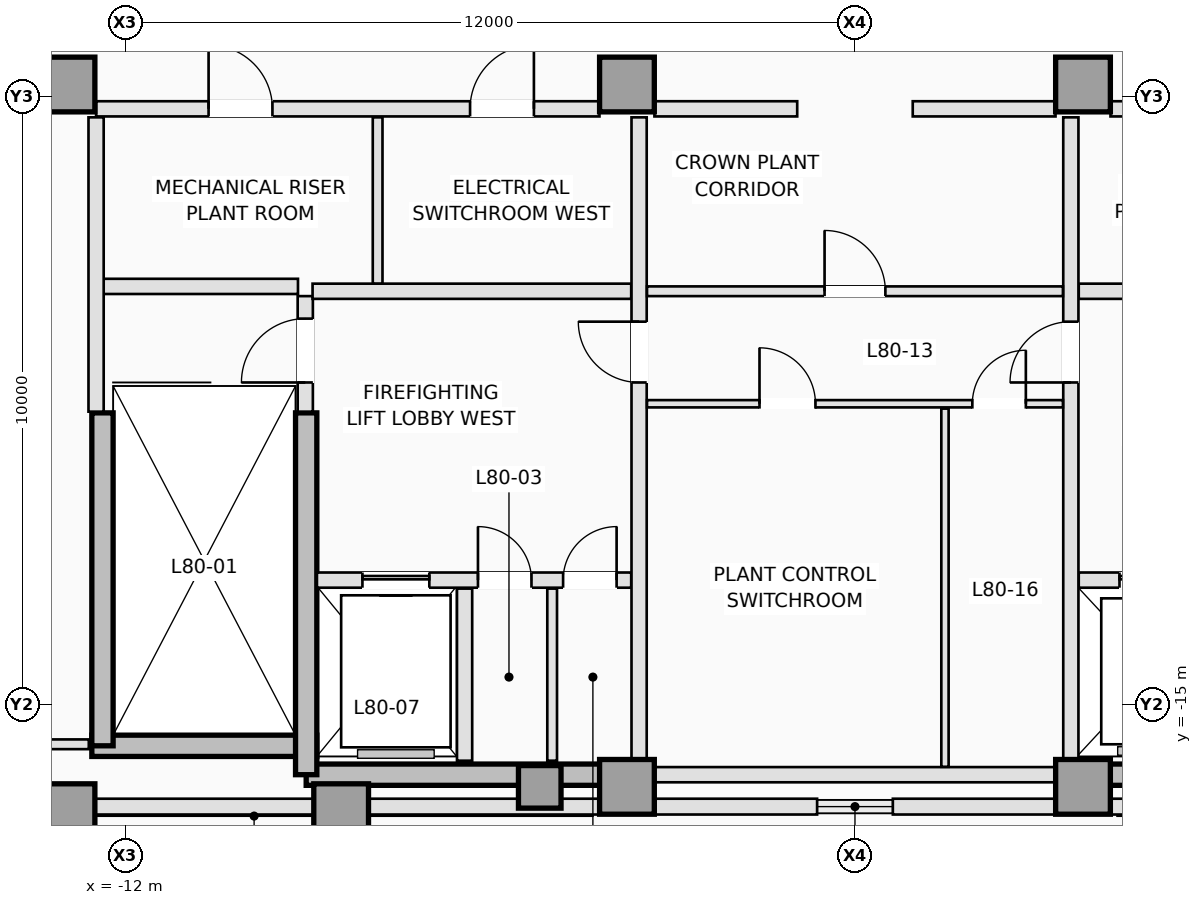
"""IFC4 building model, lengths in metres.
Left out: names, types, materials, properties, quantities, classifications, styles, units other than length and angle.
Written with IfcOpenShell. Run it as: python <this file> out.ifc"""

import sys

from ifc_helpers import new_model, si_unit, direction, frame, frame_2d, origin, origin_2d, place, context, subcontext, project, spatial, polyline, rectangle, outline, extrude, element, fill, save


model = new_model("IFC4")
c1 = context("Model", 3, precision=1e-05, world=origin(), true_north=direction((0.0, 1.0)))
c2 = subcontext(c1, "Body", "Model", "MODEL_VIEW")
j1 = project(units=[si_unit("LENGTHUNIT", "METRE"), si_unit("PLANEANGLEUNIT", "RADIAN")], contexts=[c1])
p1 = place(None, origin())
s1 = spatial("IfcSite", under=j1, at=p1, CompositionType="ELEMENT")
p2 = place(p1, origin())
s2 = spatial("IfcBuilding", under=s1, at=p2, CompositionType="ELEMENT")
p3 = place(p2, frame((0.0, 0.0, 286.9)))
s3 = spatial("IfcBuildingStorey", under=s2, at=p3, CompositionType="ELEMENT", Elevation=286.9)
p4 = place(p3, frame((-12.55, -15.675, 0.0), z_axis=(0.0, 0.0, 1.0), x_axis=(1.0, 0.0, 0.0)))
e1 = element("IfcWall", 1, at=p4, inside=s3, PredefinedType="SHEAR", context=c2, shape_type="SweptSolid", body=[
    extrude(rectangle(XDim=3.7, YDim=0.35, at=frame_2d((1.85, 0.0))), origin(), (0.0, 0.0, 1.0), 3.11),
])
for number, where, z_axis, x_axis in (
    (2, (-9.025, -16.15, 0.0), (0.0, 0.0, 1.0), (1.0, 0.0, 0.0)),
    (3, (3.75, -16.15, 0.0), (0.0, 0.0, 1.0), (1.0, 0.0, 0.0)),
):
    element("IfcWall", number, at=place(p3, frame(where, z_axis=z_axis, x_axis=x_axis)), inside=s3, PredefinedType="SHEAR", context=c2, shape_type="SweptSolid", body=[
        extrude(rectangle(XDim=5.275, YDim=0.35, at=frame_2d((2.637, 0.0))), origin(), (0.0, 0.0, 1.0), 3.013),
    ])
p5 = place(p3, frame((-12.375, -15.675, 0.0), z_axis=(0.0, 0.0, 1.0), x_axis=(0.0, 1.0, 0.0)))
e4 = element("IfcWall", 4, at=p5, inside=s3, PredefinedType="SHEAR", context=c2, shape_type="SweptSolid", body=[
    extrude(rectangle(XDim=5.475, YDim=0.35, at=frame_2d((2.738, 0.0))), origin(), (0.0, 0.0, 1.0), 3.11),
])
p6 = place(p3, frame((-9.025, -16.15, 0.0), z_axis=(0.0, 0.0, 1.0), x_axis=(0.0, 1.0, 0.0)))
e5 = element("IfcWall", 5, at=p6, inside=s3, PredefinedType="SHEAR", context=c2, shape_type="SweptSolid", body=[
    extrude(rectangle(XDim=5.95, YDim=0.35, at=frame_2d((2.975, 0.0))), origin(), (0.0, 0.0, 1.0), 3.013),
])
for number, where, z_axis, x_axis in (
    (6, (-12.95, -16.75, 0.0), (0.0, 0.0, 1.0), (1.0, 0.0, 0.0)),
    (7, (-8.45, -16.75, 0.0), (0.0, 0.0, 1.0), (1.0, 0.0, 0.0)),
):
    element("IfcColumn", number, at=place(p3, frame(where, z_axis=z_axis, x_axis=x_axis)), inside=s3, PredefinedType="COLUMN", context=c2, shape_type="SweptSolid", body=[
        extrude(rectangle(XDim=0.9, YDim=0.9, at=origin_2d()), origin(), (0.0, 0.0, 1.0), 2.891),
    ])
for number, where, z_axis, x_axis in (
    (8, (-3.75, -16.35, 0.0), (0.0, 0.0, 1.0), (1.0, 0.0, 0.0)),
    (9, (3.75, -16.35, 0.0), (0.0, 0.0, 1.0), (1.0, 0.0, 0.0)),
):
    element("IfcColumn", number, at=place(p3, frame(where, z_axis=z_axis, x_axis=x_axis)), inside=s3, PredefinedType="COLUMN", context=c2, shape_type="SweptSolid", body=[
        extrude(rectangle(XDim=0.9, YDim=0.9, at=origin_2d()), origin(), (0.0, 0.0, 1.0), 2.972),
    ])
for number, where, z_axis, x_axis in (
    (10, (-12.95, -4.8, 0.0), (0.0, 0.0, 1.0), (1.0, 0.0, 0.0)),
    (11, (-3.75, -4.8, 0.0), (0.0, 0.0, 1.0), (1.0, 0.0, 0.0)),
    (12, (3.75, -4.8, 0.0), (0.0, 0.0, 1.0), (1.0, 0.0, 0.0)),
):
    element("IfcColumn", number, at=place(p3, frame(where, z_axis=z_axis, x_axis=x_axis)), inside=s3, PredefinedType="COLUMN", context=c2, shape_type="SweptSolid", body=[
        extrude(rectangle(XDim=0.9, YDim=0.9, at=origin_2d()), origin(), (0.0, 0.0, 1.0), 5.322),
    ])
p7 = place(p3, frame((-5.184, -16.35, 0.0), z_axis=(0.0, 0.0, 1.0), x_axis=(0.0, 1.0, 0.0)))
e13 = element("IfcColumn", 13, at=p7, inside=s3, PredefinedType="COLUMN", context=c2, shape_type="SweptSolid", body=[
    extrude(rectangle(XDim=0.7, YDim=0.7, at=origin_2d()), origin(), (0.0, 0.0, 1.0), 2.972),
])
for number, where, z_axis, x_axis in (
    (14, (15.542, -16.675, 0.0), (0.0, 0.0, 1.0), (-1.0, 0.0, 0.0)),
    (15, (-4.22, -16.675, 0.0), (0.0, 0.0, 1.0), (-1.0, 0.0, 0.0)),
):
    element("IfcWall", number, at=place(p3, frame(where, z_axis=z_axis, x_axis=x_axis)), inside=s3, PredefinedType="STANDARD", context=c2, shape_type="SweptSolid", body=[
        extrude(outline(polyline([(0.0, 0.0), (11.323, 0.0), (11.323, 2.08), (0.0, 2.08), (0.0, 0.0)])), frame((0.0, 0.13, 0.0), z_axis=(0.0, -1.0, 0.0), x_axis=(1.0, 0.0, 0.0)), (0.0, 0.0, 1.0), 0.26),
    ])
for number, where, z_axis, x_axis in (
    (16, (3.28, -16.675, 0.0), (0.0, 0.0, 1.0), (-1.0, 0.0, 0.0)),
    (17, (-0.623, -16.675, 0.0), (0.0, 0.0, 1.0), (-1.0, 0.0, 0.0)),
):
    element("IfcWall", number, at=place(p3, frame(where, z_axis=z_axis, x_axis=x_axis)), inside=s3, PredefinedType="STANDARD", context=c2, shape_type="SweptSolid", body=[
        extrude(rectangle(XDim=2.657, YDim=0.26, at=frame_2d((1.329, 0.0))), origin(), (0.0, 0.0, 1.0), 2.916),
    ])
p8 = place(p3, frame((-18.292, -11.781, 0.0), z_axis=(0.0, 0.0, 1.0), x_axis=(0.490270316201, 0.871570431492, 0.0)))
e18 = element("IfcWall", 18, at=p8, inside=s3, PredefinedType="STANDARD", context=c2, shape_type="SweptSolid", body=[
    extrude(outline(polyline([(0.0, 0.0), (10.216, 0.0), (10.217, 5.723), (0.0, 3.912), (0.0, 0.0)])), frame((0.0, 0.13, 0.0), z_axis=(0.0, -1.0, 0.0), x_axis=(1.0, 0.0, 0.0)), (0.0, 0.0, 1.0), 0.26),
])
p9 = place(p3, frame((-9.04, -10.18, 0.0), z_axis=(0.0, 0.0, 1.0), x_axis=(0.0, 1.0, 0.0)))
e19 = element("IfcWall", 19, at=p9, inside=s3, PredefinedType="PARTITIONING", context=c2, shape_type="SweptSolid", body=[
    extrude(rectangle(XDim=1.9, YDim=0.25, at=frame_2d((0.95, 0.0))), origin(), (0.0, 0.0, 1.0), 2.833),
])
p10 = place(p9, frame((0.48, 0.0, 0.0)))
e20 = element("IfcOpeningElement", 20, at=p10, cuts=e19, PredefinedType="OPENING", context=c2, shape_type="SweptSolid", body=[
    extrude(rectangle(XDim=1.05, YDim=2.15, at=frame_2d((0.525, 1.075))), frame((0.0, 0.135, 0.0), z_axis=(0.0, -1.0, 0.0), x_axis=(1.0, 0.0, 0.0)), (0.0, 0.0, 1.0), 0.27),
])
p11 = place(p3, frame((-12.38, -8.12, 0.0), z_axis=(0.0, 0.0, 1.0), x_axis=(1.0, 0.0, 0.0)))
e21 = element("IfcWall", 21, at=p11, inside=s3, PredefinedType="PARTITIONING", context=c2, shape_type="SweptSolid", body=[
    extrude(rectangle(XDim=3.22, YDim=0.25, at=frame_2d((1.61, 0.0))), origin(), (0.0, 0.0, 1.0), 2.833),
])
p12 = place(p3, frame((-12.48, -10.18, 0.0), z_axis=(0.0, 0.0, 1.0), x_axis=(0.0, 1.0, 0.0)))
e22 = element("IfcWall", 22, at=p12, inside=s3, PredefinedType="PARTITIONING", context=c2, shape_type="SweptSolid", body=[
    extrude(rectangle(XDim=4.84, YDim=0.25, at=frame_2d((2.42, 0.0))), origin(), (0.0, 0.0, 1.0), 2.833),
])
p13 = place(p3, frame((-8.848, -12.95, 0.0), z_axis=(0.0, 0.0, 1.0), x_axis=(1.0, 0.0, 0.0)))
e23 = element("IfcWall", 23, at=p13, inside=s3, PredefinedType="PARTITIONING", context=c2, shape_type="SweptSolid", body=[
    extrude(rectangle(XDim=5.168, YDim=0.25, at=frame_2d((2.584, 0.0))), origin(), (0.0, 0.0, 1.0), 2.833),
])
p14 = place(p13, frame((0.748, 0.0, 0.0)))
e24 = element("IfcOpeningElement", 24, at=p14, cuts=e23, PredefinedType="OPENING", context=c2, shape_type="SweptSolid", body=[
    extrude(rectangle(XDim=1.1, YDim=2.15, at=frame_2d((0.55, 1.075))), frame((0.0, 0.135, 0.0), z_axis=(0.0, -1.0, 0.0), x_axis=(1.0, 0.0, 0.0)), (0.0, 0.0, 1.0), 0.27),
])
p15 = place(p13, frame((2.648, 0.0, 0.0)))
e25 = element("IfcOpeningElement", 25, at=p15, cuts=e23, PredefinedType="OPENING", context=c2, shape_type="SweptSolid", body=[
    extrude(rectangle(XDim=0.88, YDim=2.1, at=frame_2d((0.44, 1.05))), frame((0.0, 0.135, 0.0), z_axis=(0.0, -1.0, 0.0), x_axis=(1.0, 0.0, 0.0)), (0.0, 0.0, 1.0), 0.27),
])
p16 = place(p13, frame((4.048, 0.0, 0.0)))
e26 = element("IfcOpeningElement", 26, at=p16, cuts=e23, PredefinedType="OPENING", context=c2, shape_type="SweptSolid", body=[
    extrude(rectangle(XDim=0.88, YDim=2.1, at=frame_2d((0.44, 1.05))), frame((0.0, 0.135, 0.0), z_axis=(0.0, -1.0, 0.0), x_axis=(1.0, 0.0, 0.0)), (0.0, 0.0, 1.0), 0.27),
])
p17 = place(p3, frame((3.68, -12.95, 0.0), z_axis=(0.0, 0.0, 1.0), x_axis=(1.0, 0.0, 0.0)))
e27 = element("IfcWall", 27, at=p17, inside=s3, PredefinedType="PARTITIONING", context=c2, shape_type="SweptSolid", body=[
    extrude(rectangle(XDim=5.168, YDim=0.25, at=frame_2d((2.584, 0.0))), origin(), (0.0, 0.0, 1.0), 2.833),
])
p18 = place(p17, frame((3.32, 0.0, 0.0)))
e28 = element("IfcOpeningElement", 28, at=p18, cuts=e27, PredefinedType="OPENING", context=c2, shape_type="SweptSolid", body=[
    extrude(rectangle(XDim=1.1, YDim=2.15, at=frame_2d((0.55, 1.075))), frame((0.0, 0.135, 0.0), z_axis=(0.0, -1.0, 0.0), x_axis=(1.0, 0.0, 0.0)), (0.0, 0.0, 1.0), 0.27),
])
p19 = place(p17, frame((0.67, 0.0, 0.0)))
e29 = element("IfcOpeningElement", 29, at=p19, cuts=e27, PredefinedType="OPENING", context=c2, shape_type="SweptSolid", body=[
    extrude(rectangle(XDim=1.2, YDim=2.15, at=frame_2d((0.6, 1.075))), frame((0.0, 0.135, 0.0), z_axis=(0.0, -1.0, 0.0), x_axis=(1.0, 0.0, 0.0)), (0.0, 0.0, 1.0), 0.27),
])
p20 = place(p3, frame((-6.42, -15.92, 0.0), z_axis=(0.0, 0.0, 1.0), x_axis=(0.0, 1.0, 0.0)))
e30 = element("IfcWall", 30, at=p20, inside=s3, PredefinedType="PARTITIONING", context=c2, shape_type="SweptSolid", body=[
    extrude(rectangle(XDim=2.83, YDim=0.25, at=frame_2d((1.415, 0.0))), origin(), (0.0, 0.0, 1.0), 2.833),
])
p21 = place(p3, frame((-4.98, -15.92, 0.0), z_axis=(0.0, 0.0, 1.0), x_axis=(0.0, 1.0, 0.0)))
e31 = element("IfcWall", 31, at=p21, inside=s3, PredefinedType="PARTITIONING", context=c2, shape_type="SweptSolid", body=[
    extrude(rectangle(XDim=2.83, YDim=0.16, at=frame_2d((1.415, 0.0))), origin(), (0.0, 0.0, 1.0), 2.833),
])
for number, where, z_axis, x_axis in (
    (32, (-8.92, -8.2, 0.0), (0.0, 0.0, 1.0), (1.0, 0.0, 0.0)),
    (33, (3.68, -8.2, 0.0), (0.0, 0.0, 1.0), (1.0, 0.0, 0.0)),
):
    element("IfcWall", number, at=place(p3, frame(where, z_axis=z_axis, x_axis=x_axis)), inside=s3, PredefinedType="PARTITIONING", context=c2, shape_type="SweptSolid", body=[
        extrude(rectangle(XDim=5.24, YDim=0.25, at=frame_2d((2.62, 0.0))), origin(), (0.0, 0.0, 1.0), 2.833),
    ])
p22 = place(p3, frame((-3.55, -15.898, 0.0), z_axis=(0.0, 0.0, 1.0), x_axis=(0.0, 1.0, 0.0)))
e34 = element("IfcWall", 34, at=p22, inside=s3, PredefinedType="PARTITIONING", context=c2, shape_type="SweptSolid", body=[
    extrude(rectangle(XDim=10.558, YDim=0.25, at=frame_2d((5.279, 0.0))), origin(), (0.0, 0.0, 1.0), 2.833),
])
p23 = place(p22, frame((6.198, 0.0, 0.0)))
e35 = element("IfcOpeningElement", 35, at=p23, cuts=e34, PredefinedType="OPENING", context=c2, shape_type="SweptSolid", body=[
    extrude(rectangle(XDim=1.0, YDim=2.15, at=frame_2d((0.5, 1.075))), frame((0.0, 0.135, 0.0), z_axis=(0.0, -1.0, 0.0), x_axis=(1.0, 0.0, 0.0)), (0.0, 0.0, 1.0), 0.27),
])
p24 = place(p3, frame((3.55, -15.898, 0.0), z_axis=(0.0, 0.0, 1.0), x_axis=(0.0, 1.0, 0.0)))
e36 = element("IfcWall", 36, at=p24, inside=s3, PredefinedType="PARTITIONING", context=c2, shape_type="SweptSolid", body=[
    extrude(rectangle(XDim=10.558, YDim=0.25, at=frame_2d((5.279, 0.0))), origin(), (0.0, 0.0, 1.0), 2.833),
])
p25 = place(p24, frame((6.198, 0.0, 0.0)))
e37 = element("IfcOpeningElement", 37, at=p25, cuts=e36, PredefinedType="OPENING", context=c2, shape_type="SweptSolid", body=[
    extrude(rectangle(XDim=1.0, YDim=2.15, at=frame_2d((0.5, 1.075))), frame((0.0, 0.135, 0.0), z_axis=(0.0, -1.0, 0.0), x_axis=(1.0, 0.0, 0.0)), (0.0, 0.0, 1.0), 0.27),
])
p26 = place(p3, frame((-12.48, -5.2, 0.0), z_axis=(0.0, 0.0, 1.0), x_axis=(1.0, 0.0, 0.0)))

(What needs to be done) Lines above that have "subcontext": copy each of them.

(Reply to the task)
from ifc_helpers import new_model, si_unit, direction, frame, frame_2d, origin, origin_2d, place, context, subcontext, project, spatial, polyline, rectangle, outline, extrude, element, fill, save
c2 = subcontext(c1, "Body", "Model", "MODEL_VIEW")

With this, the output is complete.